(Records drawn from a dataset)
******
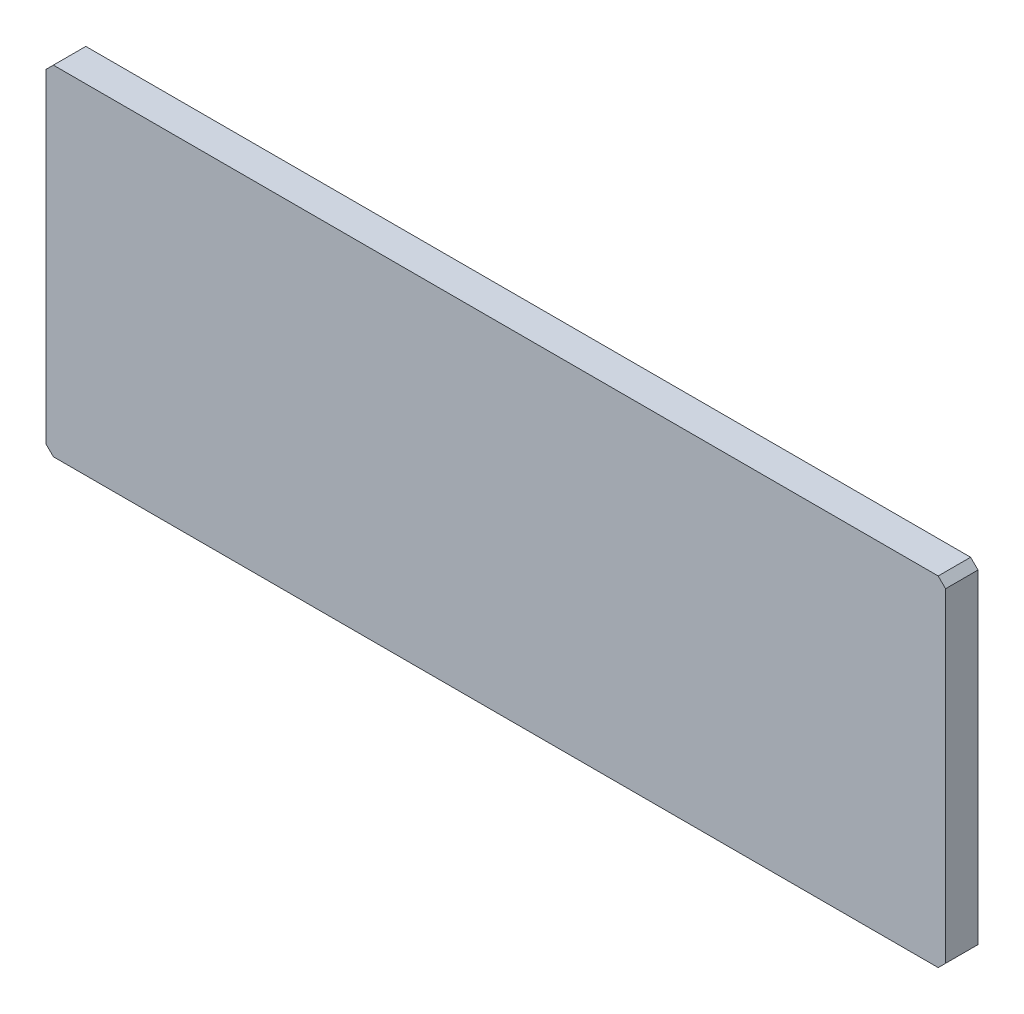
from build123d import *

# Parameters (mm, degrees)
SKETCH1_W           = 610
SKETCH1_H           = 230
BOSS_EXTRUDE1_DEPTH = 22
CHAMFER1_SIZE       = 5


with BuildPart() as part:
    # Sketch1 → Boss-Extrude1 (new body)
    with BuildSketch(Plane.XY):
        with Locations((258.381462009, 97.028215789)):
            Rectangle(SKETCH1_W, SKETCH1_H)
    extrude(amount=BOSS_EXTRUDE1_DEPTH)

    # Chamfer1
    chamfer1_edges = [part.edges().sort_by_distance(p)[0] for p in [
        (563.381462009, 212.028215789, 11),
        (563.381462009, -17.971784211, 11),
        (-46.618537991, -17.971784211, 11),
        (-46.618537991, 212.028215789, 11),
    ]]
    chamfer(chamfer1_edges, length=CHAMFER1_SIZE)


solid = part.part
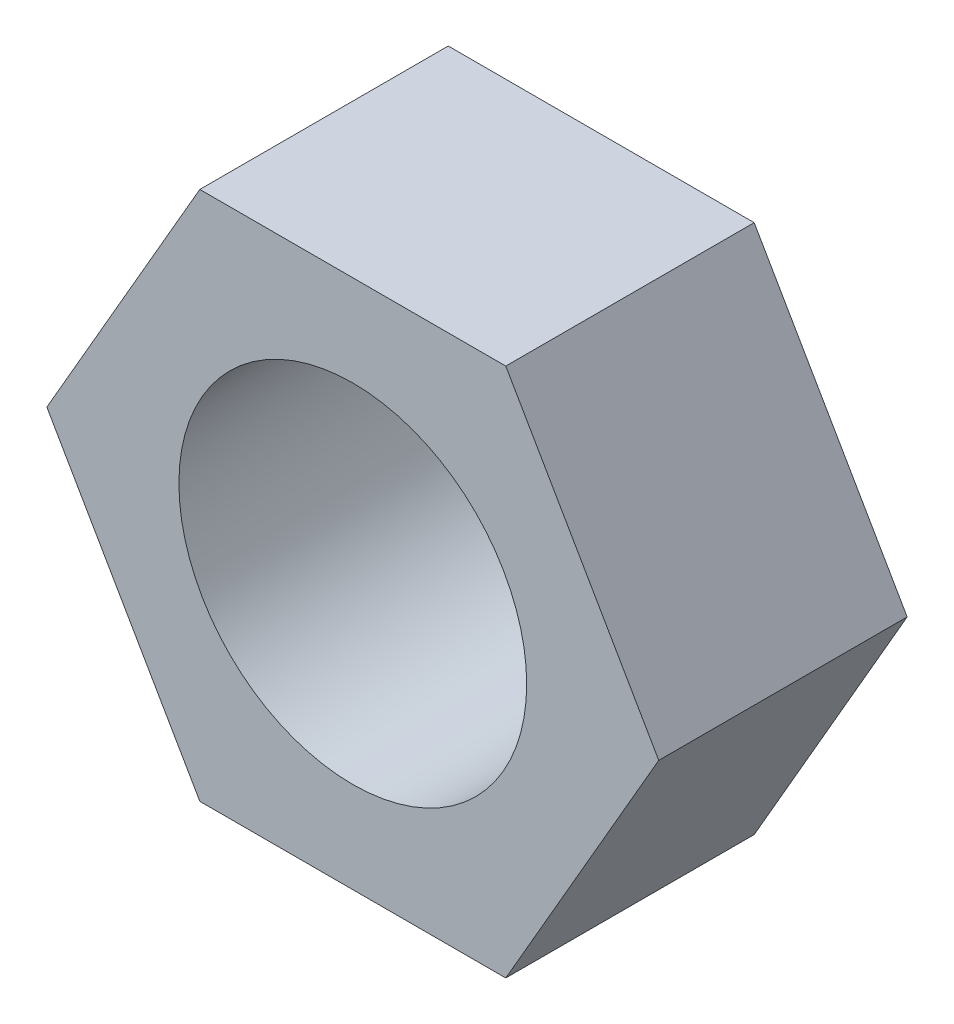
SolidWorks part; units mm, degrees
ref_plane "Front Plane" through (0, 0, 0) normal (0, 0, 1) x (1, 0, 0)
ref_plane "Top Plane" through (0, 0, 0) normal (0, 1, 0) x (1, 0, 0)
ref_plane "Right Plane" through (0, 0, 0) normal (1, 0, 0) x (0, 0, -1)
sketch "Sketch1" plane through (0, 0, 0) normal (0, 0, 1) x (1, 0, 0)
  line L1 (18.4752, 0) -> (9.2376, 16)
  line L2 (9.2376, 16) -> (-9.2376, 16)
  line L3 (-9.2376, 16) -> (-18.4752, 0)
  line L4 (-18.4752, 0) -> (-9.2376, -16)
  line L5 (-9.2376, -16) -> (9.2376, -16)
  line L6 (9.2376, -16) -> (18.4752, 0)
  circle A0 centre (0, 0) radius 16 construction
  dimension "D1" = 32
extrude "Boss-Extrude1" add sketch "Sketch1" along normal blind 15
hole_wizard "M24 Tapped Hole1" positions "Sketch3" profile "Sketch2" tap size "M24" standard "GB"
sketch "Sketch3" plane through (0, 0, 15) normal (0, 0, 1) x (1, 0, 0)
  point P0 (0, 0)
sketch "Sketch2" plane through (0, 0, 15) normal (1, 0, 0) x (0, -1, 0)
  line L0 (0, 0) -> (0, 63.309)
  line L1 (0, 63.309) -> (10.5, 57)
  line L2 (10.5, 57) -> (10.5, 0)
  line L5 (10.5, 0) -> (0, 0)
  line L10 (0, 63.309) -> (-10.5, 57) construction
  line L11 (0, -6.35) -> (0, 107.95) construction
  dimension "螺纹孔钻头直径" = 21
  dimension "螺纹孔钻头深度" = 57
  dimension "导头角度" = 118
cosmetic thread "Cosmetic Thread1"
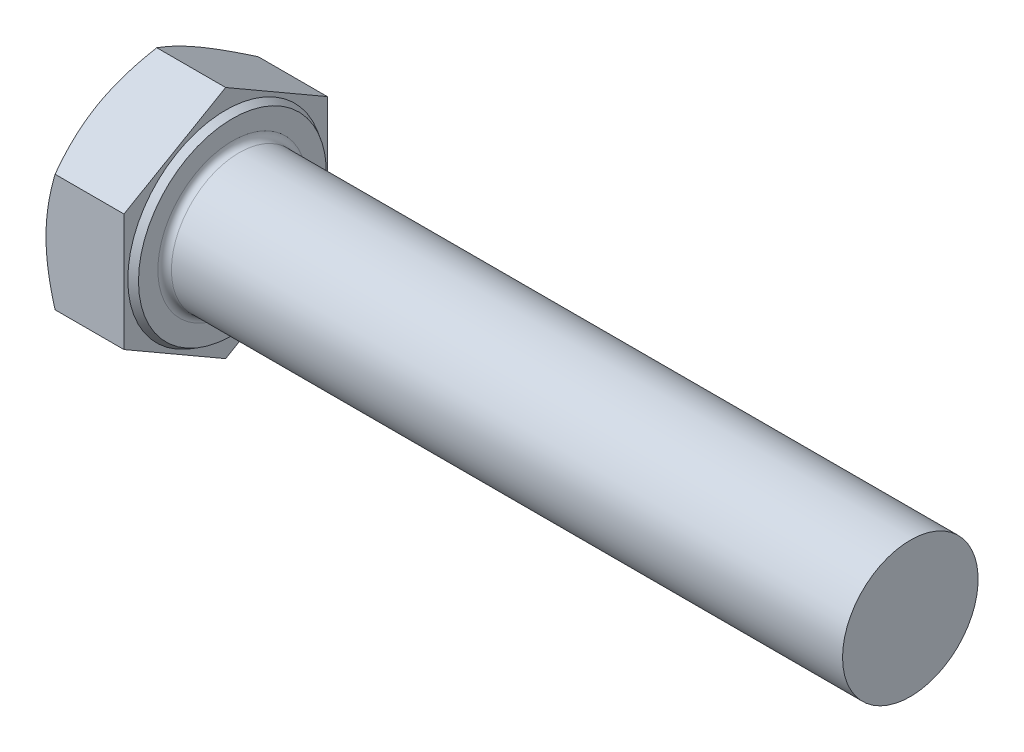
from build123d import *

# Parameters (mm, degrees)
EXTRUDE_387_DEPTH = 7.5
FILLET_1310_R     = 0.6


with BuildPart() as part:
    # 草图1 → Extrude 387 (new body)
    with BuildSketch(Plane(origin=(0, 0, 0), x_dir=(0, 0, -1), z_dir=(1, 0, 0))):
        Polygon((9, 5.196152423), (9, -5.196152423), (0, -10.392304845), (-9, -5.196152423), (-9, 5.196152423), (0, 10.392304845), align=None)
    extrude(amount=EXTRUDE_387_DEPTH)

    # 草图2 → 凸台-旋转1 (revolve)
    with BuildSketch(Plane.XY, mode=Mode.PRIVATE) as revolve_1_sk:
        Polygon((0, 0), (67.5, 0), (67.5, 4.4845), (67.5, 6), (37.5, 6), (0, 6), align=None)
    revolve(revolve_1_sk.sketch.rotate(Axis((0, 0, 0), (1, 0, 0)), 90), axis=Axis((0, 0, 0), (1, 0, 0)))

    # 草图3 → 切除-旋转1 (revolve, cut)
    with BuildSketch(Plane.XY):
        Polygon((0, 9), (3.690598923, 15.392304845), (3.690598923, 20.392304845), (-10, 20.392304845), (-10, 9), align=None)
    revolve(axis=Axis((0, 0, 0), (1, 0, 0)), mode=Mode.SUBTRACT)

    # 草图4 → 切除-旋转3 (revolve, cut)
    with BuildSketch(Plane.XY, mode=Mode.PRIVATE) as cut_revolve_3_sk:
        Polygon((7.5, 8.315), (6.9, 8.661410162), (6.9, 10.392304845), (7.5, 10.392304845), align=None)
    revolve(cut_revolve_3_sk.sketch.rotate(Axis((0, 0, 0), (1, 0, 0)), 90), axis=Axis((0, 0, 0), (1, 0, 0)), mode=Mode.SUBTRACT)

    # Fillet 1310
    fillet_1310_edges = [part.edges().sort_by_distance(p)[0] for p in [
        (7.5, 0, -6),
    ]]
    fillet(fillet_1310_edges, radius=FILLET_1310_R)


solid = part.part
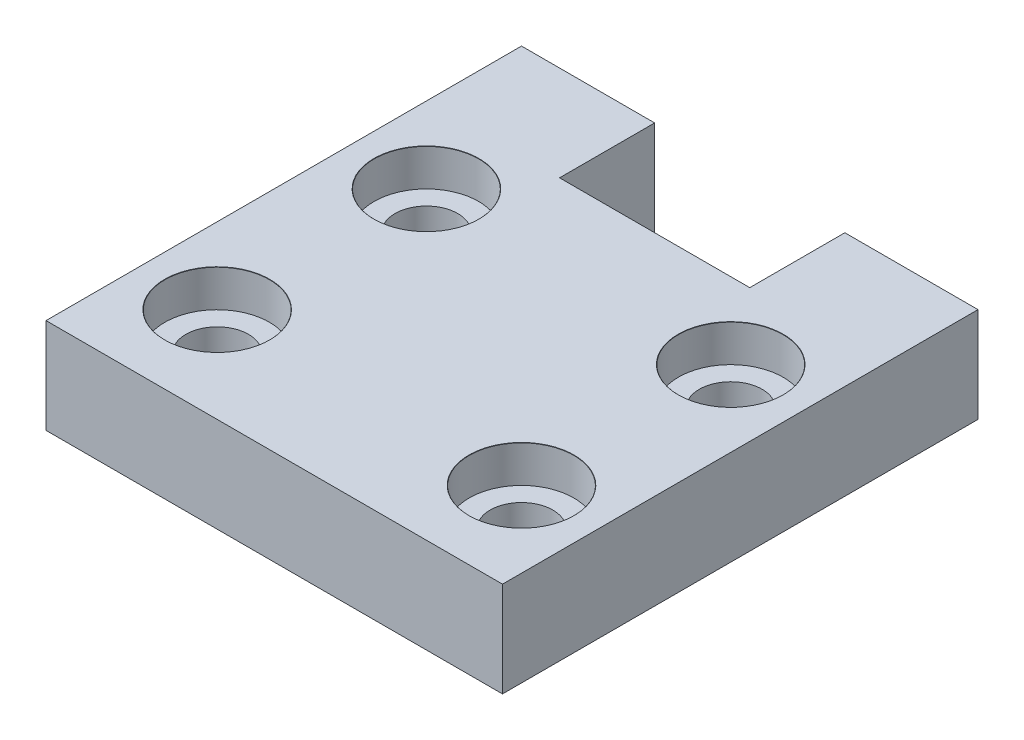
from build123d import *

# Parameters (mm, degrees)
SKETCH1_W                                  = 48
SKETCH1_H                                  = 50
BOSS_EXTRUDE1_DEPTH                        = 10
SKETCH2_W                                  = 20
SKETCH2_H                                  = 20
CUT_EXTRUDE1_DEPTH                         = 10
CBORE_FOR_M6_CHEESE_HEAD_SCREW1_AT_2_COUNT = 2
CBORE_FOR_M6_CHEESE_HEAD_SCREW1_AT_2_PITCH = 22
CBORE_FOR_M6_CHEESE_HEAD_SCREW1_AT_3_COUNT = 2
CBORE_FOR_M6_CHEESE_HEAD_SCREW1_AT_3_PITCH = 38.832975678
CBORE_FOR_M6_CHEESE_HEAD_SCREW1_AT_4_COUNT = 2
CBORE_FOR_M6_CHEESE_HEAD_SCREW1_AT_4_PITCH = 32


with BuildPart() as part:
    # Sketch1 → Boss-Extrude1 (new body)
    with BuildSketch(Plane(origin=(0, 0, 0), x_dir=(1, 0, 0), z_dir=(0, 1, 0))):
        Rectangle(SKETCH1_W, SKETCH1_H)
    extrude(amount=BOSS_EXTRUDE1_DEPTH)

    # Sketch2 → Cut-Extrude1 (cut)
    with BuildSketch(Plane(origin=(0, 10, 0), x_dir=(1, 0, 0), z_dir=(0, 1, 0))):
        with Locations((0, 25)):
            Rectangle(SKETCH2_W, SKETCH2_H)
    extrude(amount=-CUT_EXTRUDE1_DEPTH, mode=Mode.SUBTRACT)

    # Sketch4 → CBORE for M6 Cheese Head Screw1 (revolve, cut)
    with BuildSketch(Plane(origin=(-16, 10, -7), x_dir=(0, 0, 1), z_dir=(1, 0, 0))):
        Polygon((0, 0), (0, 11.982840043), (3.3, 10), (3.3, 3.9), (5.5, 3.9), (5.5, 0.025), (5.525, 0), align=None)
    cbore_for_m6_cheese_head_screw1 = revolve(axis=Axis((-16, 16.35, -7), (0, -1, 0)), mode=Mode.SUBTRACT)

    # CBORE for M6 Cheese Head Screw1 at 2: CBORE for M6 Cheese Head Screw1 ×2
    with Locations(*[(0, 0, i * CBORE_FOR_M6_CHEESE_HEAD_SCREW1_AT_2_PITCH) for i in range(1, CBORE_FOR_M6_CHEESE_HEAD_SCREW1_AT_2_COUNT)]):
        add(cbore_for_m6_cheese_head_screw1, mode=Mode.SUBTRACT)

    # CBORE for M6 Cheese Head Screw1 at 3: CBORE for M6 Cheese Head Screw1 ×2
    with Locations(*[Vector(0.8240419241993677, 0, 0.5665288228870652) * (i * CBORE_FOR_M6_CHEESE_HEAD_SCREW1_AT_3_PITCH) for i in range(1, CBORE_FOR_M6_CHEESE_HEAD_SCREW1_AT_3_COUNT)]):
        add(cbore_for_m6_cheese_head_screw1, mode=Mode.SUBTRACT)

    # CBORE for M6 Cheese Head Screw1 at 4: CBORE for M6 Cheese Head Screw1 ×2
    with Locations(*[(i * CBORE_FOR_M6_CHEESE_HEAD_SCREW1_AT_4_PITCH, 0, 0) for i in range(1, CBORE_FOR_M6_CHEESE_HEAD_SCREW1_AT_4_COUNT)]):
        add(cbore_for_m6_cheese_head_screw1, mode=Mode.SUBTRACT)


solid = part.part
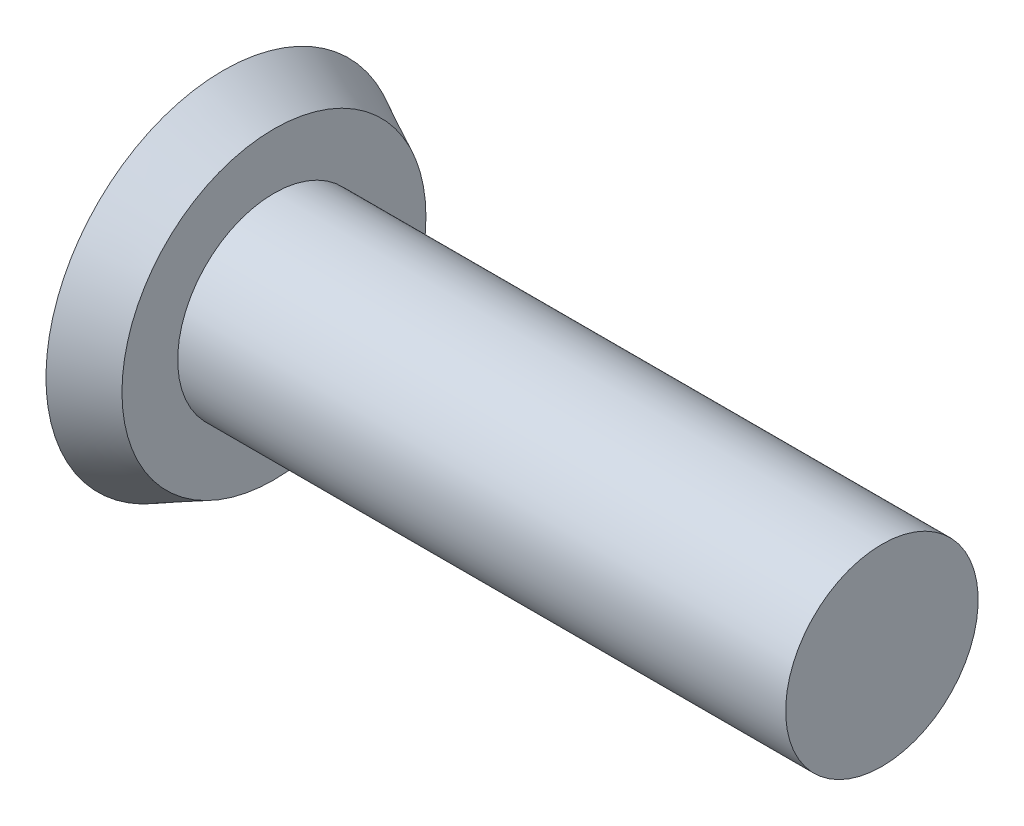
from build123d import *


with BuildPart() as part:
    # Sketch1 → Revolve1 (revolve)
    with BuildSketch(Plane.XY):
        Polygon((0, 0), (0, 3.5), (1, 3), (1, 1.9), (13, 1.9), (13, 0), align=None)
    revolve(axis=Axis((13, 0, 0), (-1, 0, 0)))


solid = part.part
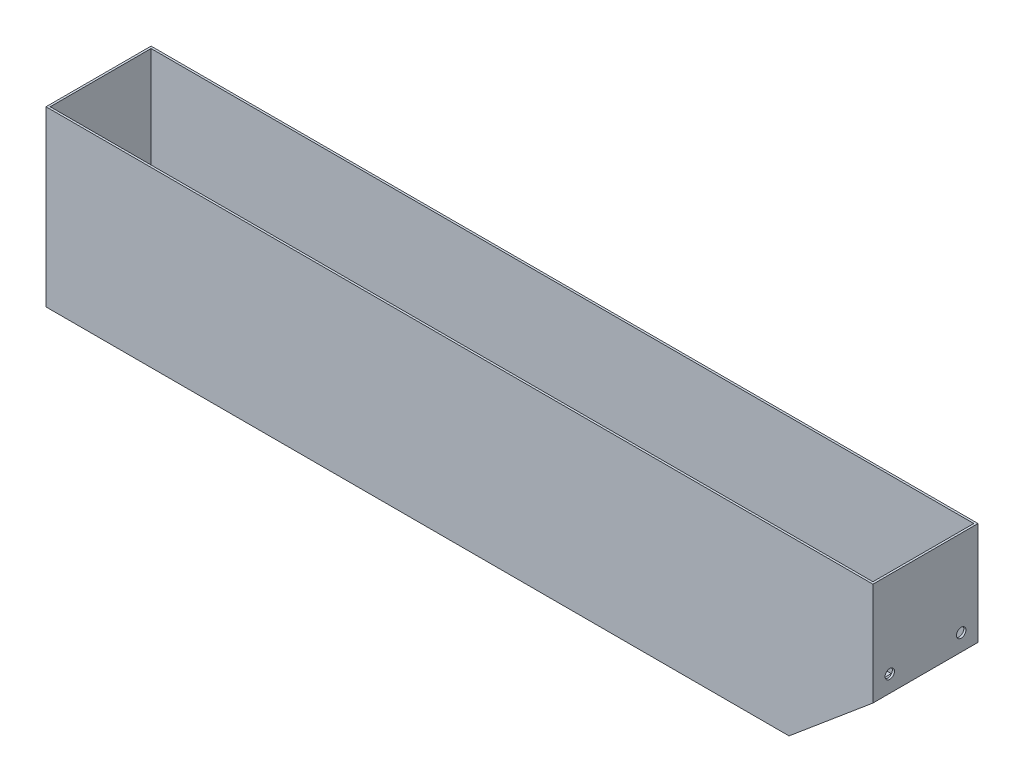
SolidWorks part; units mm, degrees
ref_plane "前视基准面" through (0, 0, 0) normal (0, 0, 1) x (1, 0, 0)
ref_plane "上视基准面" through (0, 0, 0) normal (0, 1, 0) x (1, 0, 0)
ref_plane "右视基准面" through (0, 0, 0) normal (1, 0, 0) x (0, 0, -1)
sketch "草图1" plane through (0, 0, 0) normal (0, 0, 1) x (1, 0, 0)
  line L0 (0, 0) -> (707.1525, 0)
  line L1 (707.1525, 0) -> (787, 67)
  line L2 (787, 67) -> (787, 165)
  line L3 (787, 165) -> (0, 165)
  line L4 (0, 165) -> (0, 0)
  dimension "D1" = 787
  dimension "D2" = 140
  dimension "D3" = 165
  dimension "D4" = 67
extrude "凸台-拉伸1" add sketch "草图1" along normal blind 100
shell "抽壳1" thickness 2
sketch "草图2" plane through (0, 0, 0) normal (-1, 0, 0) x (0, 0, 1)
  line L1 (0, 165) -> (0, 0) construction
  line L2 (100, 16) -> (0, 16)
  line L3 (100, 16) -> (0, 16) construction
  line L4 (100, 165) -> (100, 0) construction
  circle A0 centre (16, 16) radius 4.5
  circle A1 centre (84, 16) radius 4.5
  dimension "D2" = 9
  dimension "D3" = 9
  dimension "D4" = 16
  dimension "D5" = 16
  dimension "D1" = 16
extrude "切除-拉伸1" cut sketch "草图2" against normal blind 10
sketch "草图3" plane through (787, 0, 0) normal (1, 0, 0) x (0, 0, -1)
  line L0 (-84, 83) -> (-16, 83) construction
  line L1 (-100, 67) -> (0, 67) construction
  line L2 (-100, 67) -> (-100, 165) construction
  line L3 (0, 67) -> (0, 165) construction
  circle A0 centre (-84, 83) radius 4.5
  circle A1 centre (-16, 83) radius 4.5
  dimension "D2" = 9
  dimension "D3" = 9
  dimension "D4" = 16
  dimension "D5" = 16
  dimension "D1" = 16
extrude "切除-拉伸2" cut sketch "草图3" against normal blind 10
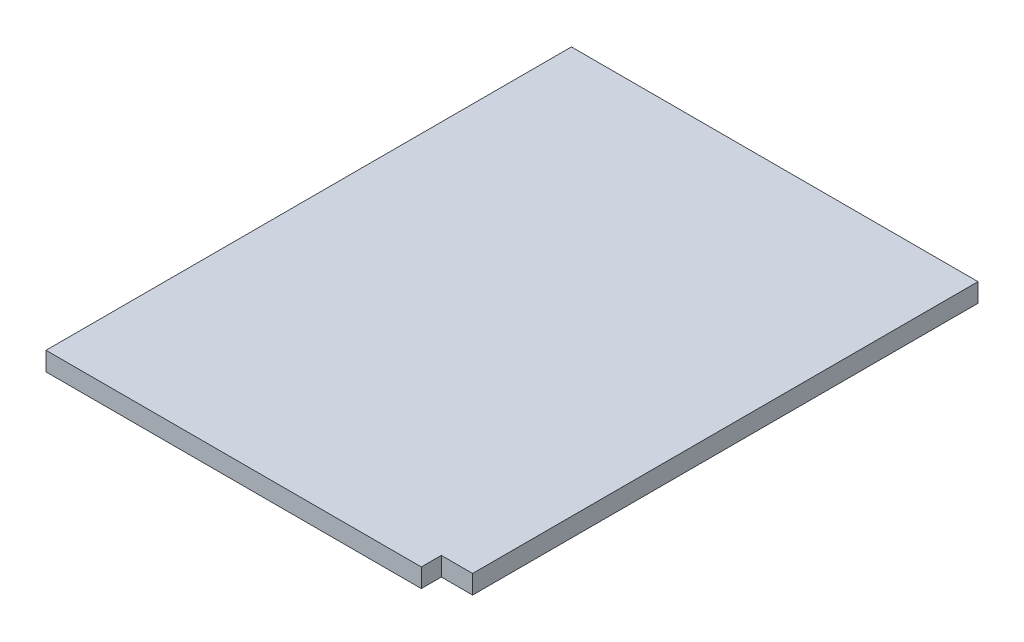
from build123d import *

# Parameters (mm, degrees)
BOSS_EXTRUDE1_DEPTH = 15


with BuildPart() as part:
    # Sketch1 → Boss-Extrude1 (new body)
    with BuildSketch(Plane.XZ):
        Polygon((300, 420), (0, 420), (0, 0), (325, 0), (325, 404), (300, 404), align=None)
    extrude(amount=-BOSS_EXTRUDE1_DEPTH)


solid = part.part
******
| ABOUT THIS EXERCISE |
Give back precisely the lines above that start at the line containing "with Locations(*[(0, 0, i" and end at the line containing "# CBORE for M6 Cheese Head Screw1 at 4: CBORE", inclusive. No other lines belong in the output.

| SOLUTION FOR THIS TASK |
    with Locations(*[(0, 0, i * CBORE_FOR_M6_CHEESE_HEAD_SCREW1_AT_2_PITCH) for i in range(1, CBORE_FOR_M6_CHEESE_HEAD_SCREW1_AT_2_COUNT)]):
        add(cbore_for_m6_cheese_head_screw1, mode=Mode.SUBTRACT)

    # CBORE for M6 Cheese Head Screw1 at 3: CBORE for M6 Cheese Head Screw1 ×2
    with Locations(*[Vector(0.8240419241993677, 0, 0.5665288228870652) * (i * CBORE_FOR_M6_CHEESE_HEAD_SCREW1_AT_3_PITCH) for i in range(1, CBORE_FOR_M6_CHEESE_HEAD_SCREW1_AT_3_COUNT)]):
        add(cbore_for_m6_cheese_head_screw1, mode=Mode.SUBTRACT)

    # CBORE for M6 Cheese Head Screw1 at 4: CBORE for M6 Cheese Head Screw1 ×2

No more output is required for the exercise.